> [Records supplied]:

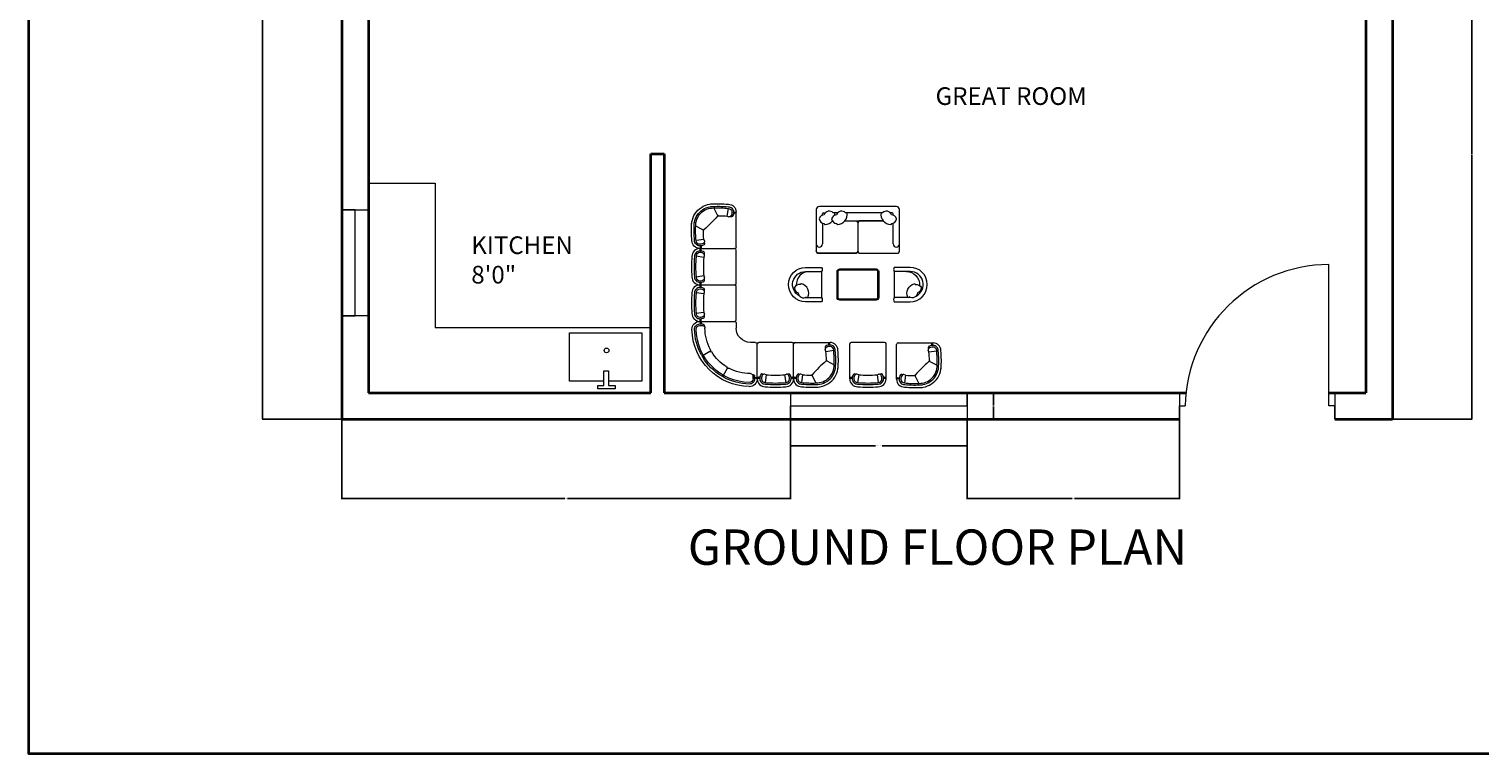
# Model space of a CAD drawing. Units: inches. Extents: x 1912 to 3731, y 1384 to 2459.
# Tile 1 of 8: x 1912 to 2405, y 1384 to 1630. Entities that reach past the tile are written whole.
import ezdxf

# ---------------------------------------------------------------- set-up
doc = ezdxf.new("R2010")
doc.units = ezdxf.units.IN
for name, color, linetype, lineweight in [('A-ANNO-DIMS', 2, 'Continuous', 18), ('A-ANNO-TITL', 7, 'Continuous', 25), ('A-ANNO-TTLB', 7, 'Continuous', 35), ('A-AREA-IDEN', 7, 'Continuous', 18), ('A-DOOR', 3, 'Continuous', 20), ('A-FLOR-CASE', 8, 'Continuous', 20), ('A-FLOR-FIXT', 9, 'Continuous', 18), ('A-FURN', 8, 'Continuous', 15), ('A-GLAZ', 4, 'Continuous', 18), ('A-WALL', 7, 'Continuous', 35)]:
    doc.layers.add(name, color=color, linetype=linetype, lineweight=lineweight)
doc.styles.get("Standard").update_dxf_attribs({"font": 'arial.ttf'})
doc.dimstyles.get("Standard").update_dxf_attribs({"dimtxt": 0.18, "dimasz": 0.18, "dimexe": 0.18, "dimexo": 0.0625, "dimgap": 0.09, "dimtad": 0, "dimtih": 1, "dimtoh": 1, "dimdec": 4, "dimzin": 0, "dimdsep": 46, "dimtxsty": 'Standard', "dimcen": 0.09, "dimadec": 0, "dimazin": 0, "dimtfac": 1, "dimtdec": 4, "dimtofl": 0, "dimtmove": 0, "dimatfit": 3, "dimfxl": 1, "dimtolj": 1, "dimtzin": 0, "dimarcsym": 0})

# ---------------------------------------------------------------- blocks, each defined once
blk = doc.blocks.new('A$C707258B2')
at = {"color": 0}
for p, q in [((0.404, 0.342), (1.074, 0.342)), ((0.404, 0.292), (0.454, 0.292)), ((1.104, 0.312), (1.104, 0.212)), ((0.404, 0.262), (0.454, 0.262)), ((0.6, -0.238), (0.47, -0.313)), ((1.479, -0.063), (1.379, -0.063)), ((1.509, -0.763), (1.509, -0.093)), ((0.929, -0.567), (0.854, -0.697)), ((1.429, -0.763), (1.429, -0.713)), ((1.459, -0.763), (1.459, -0.712))]:
    blk.add_line(p, q, dxfattribs=at)
for centre, radius, start, end in [((0.404, 0.192), 0.15, 90, 181.1754), ((0.404, 0.192), 0.1, 90, 181.1754), ((0.378, 0.317), 0.0362, 316.3972, 43.6028), ((0.368, 0.317), 0.0662, 337.8298, 22.1702), ((0.455, 0.256), 0.0357, 345.4262, 90.5555), ((1.074, 0.312), 0.03, 360, 90), ((1.379, 0.212), 1.125, 181.1754, 268.8246), ((1.379, 0.212), 1.075, 181.1754, 208.6357), ((0.404, 0.192), 0.07, 90, 181.1754), ((1.379, 0.212), 1.045, 181.1754, 268.8246), ((0.454, 0.212), 0.05, 360, 90), ((1.379, 0.212), 0.875, 180, 208.4082), ((1.379, 0.212), 0.275, 180, 270), ((0.587, -0.216), 0.025, 300, 28.4082), ((0.612, -0.259), 0.025, 31.5918, 120), ((1.379, 0.212), 0.875, 211.5918, 238.4082), ((1.479, -0.093), 0.03, 360, 90), ((0.457, -0.291), 0.025, 208.6357, 300), ((0.482, -0.334), 0.025, 120, 211.3643), ((1.379, 0.212), 1.075, 211.3643, 238.6357), ((0.907, -0.555), 0.025, 330, 58.4082), ((0.951, -0.58), 0.025, 61.5918, 150), ((0.832, -0.685), 0.025, 238.6357, 330), ((0.876, -0.71), 0.025, 150, 241.3643), ((1.379, 0.212), 1.075, 241.3643, 268.8246), ((1.379, 0.212), 0.875, 241.5918, 270), ((1.359, -0.763), 0.15, 268.8246, 360), ((1.359, -0.763), 0.1, 268.8246, 360), ((1.359, -0.763), 0.07, 268.8246, 360), ((1.379, -0.713), 0.05, 360, 90), ((1.425, -0.709), 0.0336, 354.6301, 109.3883), ((1.484, -0.799), 0.0662, 67.8298, 112.1702), ((1.484, -0.789), 0.0362, 46.3972, 133.6028)]:
    blk.add_arc(centre, radius, start, end, dxfattribs=at)
blk = doc.blocks.new('A$C1352')
at = {"color": 0}
for points in [[(0.003, 0.053), (0.003, 0.553, -0.414214), (0.053, 0.603), (0.753, 0.603, -0.414214), (0.803, 0.553), (0.803, 0.053, -0.414214), (0.753, 0.003), (0.053, 0.003, -0.414214)], [(0.023, 0.053), (0.023, 0.553, -0.414214), (0.053, 0.583), (0.753, 0.583, -0.414214), (0.783, 0.553), (0.783, 0.053, -0.414214), (0.753, 0.023), (0.053, 0.023, -0.414214)]]:
    blk.add_lwpolyline(points, format="xyb", close=True, dxfattribs=at)
blk = doc.blocks.new('part 01')
at = {"color": 0}
for p, q in [((-670, 700), (0, 700)), ((-591, 527), (-579, 561)), ((30, 30), (30, 670)), ((-591, 527), (-740, 550)), ((-591, 173), (-740, 150)), ((-670, 0), (0, 0)), ((-591, 173), (-579, 139))]:
    blk.add_line(p, q, dxfattribs=at)
for centre, radius, start, end in [((-670, 550), 150, 90, 181.1754), ((-670, 550), 100, 90, 181.1754), ((-670, 550), 70, 90, 181.1754), ((-660, 518), 133, 56.0897, 95.6132), ((-696, 675), 36.2, 316.3972, 43.6028), ((-660, 518), 103, 42.0066, 95.6132), ((-706, 675), 66.2, 337.8298, 22.1702), ((-600, 607), 25, 332.9608, 56.0897), ((-625, 620), 53.2, 321.0017, 332.9608), ((-602, 570), 25, 340, 42.0066), ((0, 670), 30, 0, 90), ((1178, 350), 2008, 174.2835, 185.7165), ((1178, 350), 1958, 174.2835, 185.7165), ((1178, 350), 1928, 174.2835, 185.7165), ((1178, 350), 1778, 174.2835, 185.7165), ((-670, 150), 150, 178.8246, 270), ((-670, 150), 100, 178.8246, 270), ((-670, 150), 70, 178.8246, 270), ((-660, 182), 133, 264.3868, 303.9103), ((-660, 182), 103, 264.3868, 317.9934), ((-696, 25), 36.2, 316.3972, 43.6028), ((-706, 25), 66.2, 337.8298, 22.1702), ((-600, 93), 25, 303.9103, 27.0392), ((-602, 130), 25, 317.9934, 20), ((-625, 80), 53.2, 27.0392, 38.9983), ((0, 30), 30, 270, 0)]:
    blk.add_arc(centre, radius, start, end, dxfattribs=at)
blk = doc.blocks.new('part02')
at = {"color": 0}
for p, q in [((0, -670), (0, 0)), ((30, 30), (700, 30)), ((621, -143), (609, -109)), ((621, -143), (770, -120)), ((640, -326), (778, -399)), ((173, -591), (139, -579)), ((173, -591), (150, -740)), ((356, -610), (429, -748))]:
    blk.add_line(p, q, dxfattribs=at)
for centre, radius, start, end in [((30, 0), 30, 90, 180), ((726, 5), 56.2, 153.6122, 206.6666), ((726, 5), 36.2, 136.3972, 223.6028), ((700, -120), 150, 0, 90), ((630, -63), 25, 123.9103, 207.0392), ((655, -50), 53.2, 207.0392, 218.9983), ((632, -100), 25, 137.9934, 200), ((690, -152), 103, 84.3868, 137.9934), ((689, -151), 132, 85.4378, 123.9887), ((-1148, -320), 1778, 0.3836, 5.7165), ((700, -121), 101, 357.5006, 89.858), ((700, -120), 70, 0, 90), ((-1228, -320), 2008, 357.7349, 5.7032), ((-1148, -320), 1958, 355.8657, 5.7165), ((-1148, -320), 2008, 355.818, 5.7165), ((2220, -2190), 2454, 130.6961, 139.3039), ((439, -409), 419, 268.2181, 1.7819), ((439, -409), 369, 268.2181, 1.7819), ((439, -409), 339, 268.2181, 1.7819), ((632, -344), 20, 62, 130.6961), ((650, -308), 20, 180.3836, 242), ((25, -696), 56.2, 63.3334, 116.3878), ((25, -696), 36.2, 46.3972, 133.6028), ((150, -670), 150, 180, 271.1754), ((182, -660), 133, 146.0897, 185.6132), ((150, -670), 100, 180, 271.1754), ((93, -600), 25, 62.9608, 146.0897), ((182, -660), 103, 132.0066, 185.6132), ((150, -670), 70, 180, 270), ((80, -625), 53.2, 51.0017, 62.9608), ((130, -602), 25, 70, 132.0066), ((350, 1258), 2008, 264.2968, 272.2651), ((350, 1178), 2008, 264.2835, 274.182), ((350, 1178), 1958, 264.2835, 274.1343), ((350, 1178), 1778, 264.2835, 269.6164), ((338, -620), 20, 28, 89.6164), ((374, -602), 20, 139.3039, 208)]:
    blk.add_arc(centre, radius, start, end, dxfattribs=at)
blk = doc.blocks.new('LOUNGE-CHAIR')
blk.add_line((5.83, 1.42), (11.22, 1.41))
at = {"ltscale": 0.03}
blk.add_lwpolyline([(11.22, 1.41, -0.369229), (11.22, 0), (5.83, 0, -1), (5.84, 11.67), (11.23, 11.67, -0.369229), (11.23, 10.25)], format="xyb", close=True, dxfattribs=at)
blk.add_lwpolyline([(3.79, 1.92, -0.785087), (5.84, 10.26), (11.23, 10.25)], format="xyb")
for centre, radius, start, end in [((7.08, 5.84), 4.42, 89.9461, 183.658), ((3.71, 4.07), 1.82, 76.6403, 159.4695), ((4.33, 5.92), 0.211, 60.6238, 203.7423), ((3.5, 2.81), 3.42, 337.0143, 74.2857), ((4, 4.88), 1.99, 184.9999, 251.3534), ((5.13, 3.08), 1.77, 182.9922, 304.1401), ((5.83, 5.84), 4.42, 268.8536, 269.9461)]:
    blk.add_arc(centre, radius, start, end)
blk = doc.blocks.new('DOOR-48-ENTRY')
for p, q in [((50.83, 40.5), (50.83, 52.5)), ((50.83, 4.5), (50.83, 40.5)), ((0, 9), (0, 0)), ((52.83, 9), (52.83, 0)), ((0, 0), (0, 4.5)), ((0, 4.5), (2, 4.5)), ((52.83, 4.5), (50.83, 4.5)), ((52.83, 0), (52.83, 4.5))]:
    blk.add_line(p, q)
blk.add_arc((50.83, 3.66), 48.84, 90, 179.0137)
blk = doc.blocks.new('WIN-PLAN-60-A')
for p, q in [((0, 9), (0, 0)), ((60, 4.5), (60, 9)), ((60, 9), (60, 0)), ((0, 0), (0, 4.5)), ((0, 4.5), (60, 4.5))]:
    blk.add_line(p, q)
blk = doc.blocks.new('WIN-PLAN-36')
for p, q in [((4.5, 36), (0, 36)), ((0, 36), (9, 36)), ((4.5, 0), (4.5, 36)), ((9, 0), (0, 0)), ((0, 0), (4.5, 0))]:
    blk.add_line(p, q)
blk = doc.blocks.new('*D31')
at = {"layer": 'A-ANNO-DIMS', "color": 0, "lineweight": -2, "transparency": 16777216}
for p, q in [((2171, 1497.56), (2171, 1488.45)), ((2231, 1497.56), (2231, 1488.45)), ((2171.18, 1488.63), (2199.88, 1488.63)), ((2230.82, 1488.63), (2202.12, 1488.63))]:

> [What you will do]: Whenever a line in the material contains the word "ANNO", copy that line.

> [Finished task]:
for name, color, linetype, lineweight in [('A-ANNO-DIMS', 2, 'Continuous', 18), ('A-ANNO-TITL', 7, 'Continuous', 25), ('A-ANNO-TTLB', 7, 'Continuous', 35), ('A-AREA-IDEN', 7, 'Continuous', 18), ('A-DOOR', 3, 'Continuous', 20), ('A-FLOR-CASE', 8, 'Continuous', 20), ('A-FLOR-FIXT', 9, 'Continuous', 18), ('A-FURN', 8, 'Continuous', 15), ('A-GLAZ', 4, 'Continuous', 18), ('A-WALL', 7, 'Continuous', 35)]:
at = {"layer": 'A-ANNO-DIMS', "color": 0, "lineweight": -2, "transparency": 16777216}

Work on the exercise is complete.